(SUPPLIED RECORDS begins)

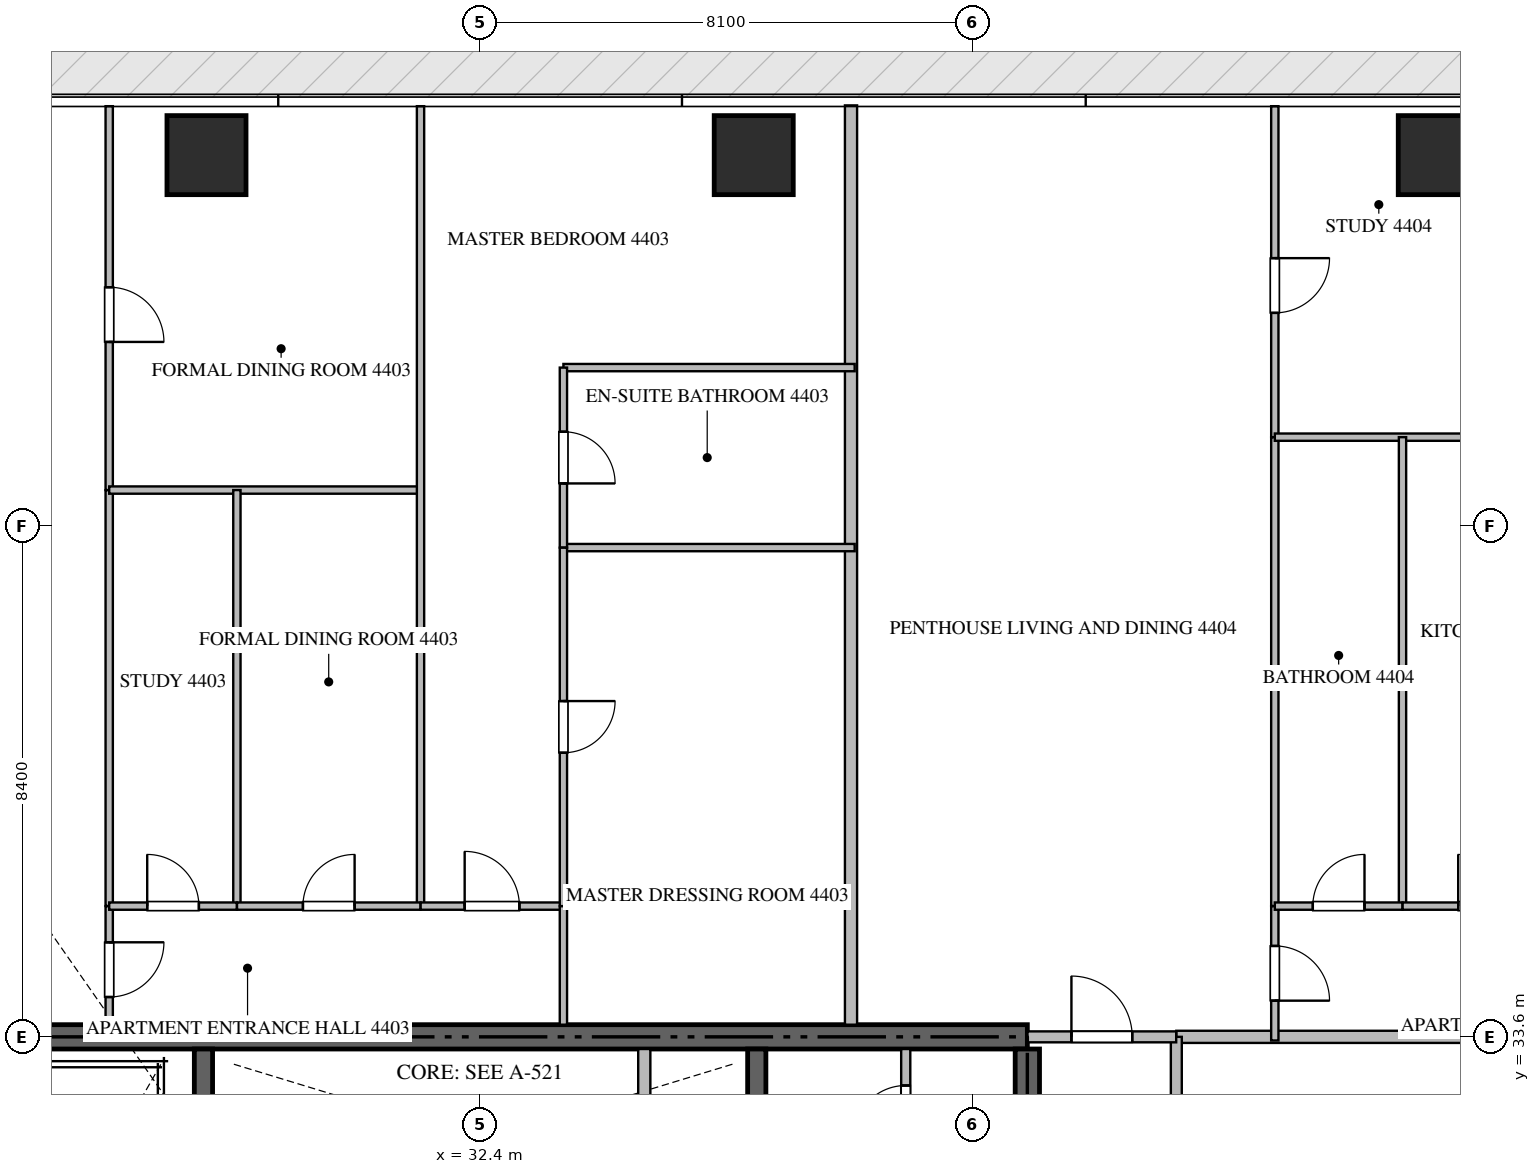
"""IFC4 building model, lengths in metres.
Left out: names, types, materials, properties, quantities, classifications, styles, units other than length and angle.
Written with IfcOpenShell. Run it as: python <this file> out.ifc"""

import sys

from ifc_helpers import new_model, si_unit, direction, frame, frame_2d, origin, origin_2d, place, context, subcontext, project, spatial, rectangle, extrude, source, transform, mapped, element, fill, save


model = new_model("IFC4")
c1 = context("Model", 3, precision=1e-05, world=origin(), true_north=direction((0.0, 1.0)))
c2 = subcontext(c1, "Body", "Model", "MODEL_VIEW")
j1 = project(units=[si_unit("LENGTHUNIT", "METRE"), si_unit("PLANEANGLEUNIT", "RADIAN")], contexts=[c1])
p1 = place(None, origin())
s1 = spatial("IfcSite", under=j1, at=p1, CompositionType="ELEMENT")
p2 = place(p1, origin())
s2 = spatial("IfcBuilding", under=s1, at=p2, CompositionType="ELEMENT")
p3 = place(p2, frame((0.0, 0.0, 176.4)))
s3 = spatial("IfcBuildingStorey", under=s2, at=p3, CompositionType="ELEMENT", Elevation=176.4)
p4 = place(p3, frame((41.4, 33.6, -0.26), z_axis=(0.0, 0.0, 1.0), x_axis=(-1.0, 0.0, 0.0)))
e1 = element("IfcWall", 1, at=p4, inside=s3, PredefinedType="SHEAR", context=c2, shape_type="SweptSolid", body=[
    extrude(rectangle(XDim=18.0, YDim=0.4, at=frame_2d((9.0, 0.0))), origin(), (0.0, 0.0, 1.0), 3.748),
])
p5 = place(p3, frame((41.4, 27.75, -0.26), z_axis=(0.0, 0.0, 1.0), x_axis=(0.0, 1.0, 0.0)))
e2 = element("IfcWall", 2, at=p5, inside=s3, PredefinedType="SHEAR", context=c2, shape_type="SweptSolid", body=[
    extrude(rectangle(XDim=5.65, YDim=0.4, at=frame_2d((2.825, 0.0))), origin(), (0.0, 0.0, 1.0), 3.748),
])
p6 = place(p3, frame((27.85, 23.55, -0.26), z_axis=(0.0, 0.0, 1.0), x_axis=(0.0, 1.0, 0.0)))
e3 = element("IfcWall", 3, at=p6, inside=s3, PredefinedType="SHEAR", context=c2, shape_type="SweptSolid", body=[
    extrude(rectangle(XDim=9.85, YDim=0.3, at=frame_2d((4.925, 0.0))), origin(), (0.0, 0.0, 1.0), 3.748),
])
p7 = place(p3, frame((36.95, 27.05, -0.26), z_axis=(0.0, 0.0, 1.0), x_axis=(0.0, 1.0, 0.0)))
e4 = element("IfcWall", 4, at=p7, inside=s3, PredefinedType="SHEAR", context=c2, shape_type="SweptSolid", body=[
    extrude(rectangle(XDim=6.35, YDim=0.3, at=frame_2d((3.175, 0.0))), origin(), (0.0, 0.0, 1.0), 3.748),
])
m1 = source(origin(), c2, "Body", "SweptSolid", [
    extrude(rectangle(XDim=1.3, YDim=1.3, at=origin_2d()), origin(), (0.0, 0.0, 1.0), 3.75),
])
for number, where, z_axis, x_axis in (
    (5, (27.9, 48.1, -0.26), (0.0, 0.0, 1.0), (1.0, 0.0, 0.0)),
    (6, (36.9, 48.1, -0.26), (0.0, 0.0, 1.0), (1.0, 0.0, 0.0)),
    (7, (48.15, 48.1, -0.26), (0.0, 0.0, 1.0), (1.0, 0.0, 0.0)),
):
    element("IfcColumn", number, at=place(p3, frame(where, z_axis=z_axis, x_axis=x_axis)), inside=s3, PredefinedType="COLUMN", context=c2, shape_type="MappedRepresentation", body=[
        mapped(m1, transform((0.0, 0.0, 0.0), scale=1.0)),
    ])
p8 = place(p3, frame((35.1, 30.75, 0.0), z_axis=(0.0, 0.0, 1.0), x_axis=(0.0, 1.0, 0.0)))
e8 = element("IfcWall", 8, at=p8, inside=s3, PredefinedType="STANDARD", context=c2, shape_type="SweptSolid", body=[
    extrude(rectangle(XDim=2.65, YDim=0.2, at=frame_2d((1.325, 0.0))), origin(), (0.0, 0.0, 1.0), 3.49),
])
p9 = place(p3, frame((39.4, 31.35, 0.0), z_axis=(0.0, 0.0, 1.0), x_axis=(0.0, 1.0, 0.0)))
e9 = element("IfcWall", 9, at=p9, inside=s3, PredefinedType="PARTITIONING", context=c2, shape_type="SweptSolid", body=[
    extrude(rectangle(XDim=2.05, YDim=0.15, at=frame_2d((1.025, 0.0))), origin(), (0.0, 0.0, 1.0), 3.49),
])
p10 = place(p9, frame((0.6, 0.0, 0.0)))
e10 = element("IfcOpeningElement", 10, at=p10, cuts=e9, PredefinedType="OPENING", context=c2, shape_type="SweptSolid", body=[
    extrude(rectangle(XDim=0.85, YDim=2.1, at=frame_2d((0.425, 1.05))), frame((0.0, 0.085, 0.0), z_axis=(0.0, -1.0, 0.0), x_axis=(1.0, 0.0, 0.0)), (0.0, 0.0, 1.0), 0.17),
])
p11 = place(p3, frame((38.5, 33.8, 0.0), z_axis=(0.0, 0.0, 1.0), x_axis=(0.0, 1.0, 0.0)))
e11 = element("IfcWall", 11, at=p11, inside=s3, PredefinedType="PARTITIONING", context=c2, shape_type="SweptSolid", body=[
    extrude(rectangle(XDim=15.118, YDim=0.2, at=frame_2d((7.559, 0.0))), origin(), (0.0, 0.0, 1.0), 3.49),
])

(SUPPLIED RECORDS ends)

→ **WHAT YOU ARE ASKED TO DO**
Transcribe all entries above exactly. Drop the pictures.

→ **OUTPUT FOR THIS TASK**
"""IFC4 building model, lengths in metres.
Left out: names, types, materials, properties, quantities, classifications, styles, units other than length and angle.
Written with IfcOpenShell. Run it as: python <this file> out.ifc"""

import sys

from ifc_helpers import new_model, si_unit, direction, frame, frame_2d, origin, origin_2d, place, context, subcontext, project, spatial, rectangle, extrude, source, transform, mapped, element, fill, save


model = new_model("IFC4")
c1 = context("Model", 3, precision=1e-05, world=origin(), true_north=direction((0.0, 1.0)))
c2 = subcontext(c1, "Body", "Model", "MODEL_VIEW")
j1 = project(units=[si_unit("LENGTHUNIT", "METRE"), si_unit("PLANEANGLEUNIT", "RADIAN")], contexts=[c1])
p1 = place(None, origin())
s1 = spatial("IfcSite", under=j1, at=p1, CompositionType="ELEMENT")
p2 = place(p1, origin())
s2 = spatial("IfcBuilding", under=s1, at=p2, CompositionType="ELEMENT")
p3 = place(p2, frame((0.0, 0.0, 176.4)))
s3 = spatial("IfcBuildingStorey", under=s2, at=p3, CompositionType="ELEMENT", Elevation=176.4)
p4 = place(p3, frame((41.4, 33.6, -0.26), z_axis=(0.0, 0.0, 1.0), x_axis=(-1.0, 0.0, 0.0)))
e1 = element("IfcWall", 1, at=p4, inside=s3, PredefinedType="SHEAR", context=c2, shape_type="SweptSolid", body=[
    extrude(rectangle(XDim=18.0, YDim=0.4, at=frame_2d((9.0, 0.0))), origin(), (0.0, 0.0, 1.0), 3.748),
])
p5 = place(p3, frame((41.4, 27.75, -0.26), z_axis=(0.0, 0.0, 1.0), x_axis=(0.0, 1.0, 0.0)))
e2 = element("IfcWall", 2, at=p5, inside=s3, PredefinedType="SHEAR", context=c2, shape_type="SweptSolid", body=[
    extrude(rectangle(XDim=5.65, YDim=0.4, at=frame_2d((2.825, 0.0))), origin(), (0.0, 0.0, 1.0), 3.748),
])
p6 = place(p3, frame((27.85, 23.55, -0.26), z_axis=(0.0, 0.0, 1.0), x_axis=(0.0, 1.0, 0.0)))
e3 = element("IfcWall", 3, at=p6, inside=s3, PredefinedType="SHEAR", context=c2, shape_type="SweptSolid", body=[
    extrude(rectangle(XDim=9.85, YDim=0.3, at=frame_2d((4.925, 0.0))), origin(), (0.0, 0.0, 1.0), 3.748),
])
p7 = place(p3, frame((36.95, 27.05, -0.26), z_axis=(0.0, 0.0, 1.0), x_axis=(0.0, 1.0, 0.0)))
e4 = element("IfcWall", 4, at=p7, inside=s3, PredefinedType="SHEAR", context=c2, shape_type="SweptSolid", body=[
    extrude(rectangle(XDim=6.35, YDim=0.3, at=frame_2d((3.175, 0.0))), origin(), (0.0, 0.0, 1.0), 3.748),
])
m1 = source(origin(), c2, "Body", "SweptSolid", [
    extrude(rectangle(XDim=1.3, YDim=1.3, at=origin_2d()), origin(), (0.0, 0.0, 1.0), 3.75),
])
for number, where, z_axis, x_axis in (
    (5, (27.9, 48.1, -0.26), (0.0, 0.0, 1.0), (1.0, 0.0, 0.0)),
    (6, (36.9, 48.1, -0.26), (0.0, 0.0, 1.0), (1.0, 0.0, 0.0)),
    (7, (48.15, 48.1, -0.26), (0.0, 0.0, 1.0), (1.0, 0.0, 0.0)),
):
    element("IfcColumn", number, at=place(p3, frame(where, z_axis=z_axis, x_axis=x_axis)), inside=s3, PredefinedType="COLUMN", context=c2, shape_type="MappedRepresentation", body=[
        mapped(m1, transform((0.0, 0.0, 0.0), scale=1.0)),
    ])
p8 = place(p3, frame((35.1, 30.75, 0.0), z_axis=(0.0, 0.0, 1.0), x_axis=(0.0, 1.0, 0.0)))
e8 = element("IfcWall", 8, at=p8, inside=s3, PredefinedType="STANDARD", context=c2, shape_type="SweptSolid", body=[
    extrude(rectangle(XDim=2.65, YDim=0.2, at=frame_2d((1.325, 0.0))), origin(), (0.0, 0.0, 1.0), 3.49),
])
p9 = place(p3, frame((39.4, 31.35, 0.0), z_axis=(0.0, 0.0, 1.0), x_axis=(0.0, 1.0, 0.0)))
e9 = element("IfcWall", 9, at=p9, inside=s3, PredefinedType="PARTITIONING", context=c2, shape_type="SweptSolid", body=[
    extrude(rectangle(XDim=2.05, YDim=0.15, at=frame_2d((1.025, 0.0))), origin(), (0.0, 0.0, 1.0), 3.49),
])
p10 = place(p9, frame((0.6, 0.0, 0.0)))
e10 = element("IfcOpeningElement", 10, at=p10, cuts=e9, PredefinedType="OPENING", context=c2, shape_type="SweptSolid", body=[
    extrude(rectangle(XDim=0.85, YDim=2.1, at=frame_2d((0.425, 1.05))), frame((0.0, 0.085, 0.0), z_axis=(0.0, -1.0, 0.0), x_axis=(1.0, 0.0, 0.0)), (0.0, 0.0, 1.0), 0.17),
])
p11 = place(p3, frame((38.5, 33.8, 0.0), z_axis=(0.0, 0.0, 1.0), x_axis=(0.0, 1.0, 0.0)))
e11 = element("IfcWall", 11, at=p11, inside=s3, PredefinedType="PARTITIONING", context=c2, shape_type="SweptSolid", body=[
    extrude(rectangle(XDim=15.118, YDim=0.2, at=frame_2d((7.559, 0.0))), origin(), (0.0, 0.0, 1.0), 3.49),
])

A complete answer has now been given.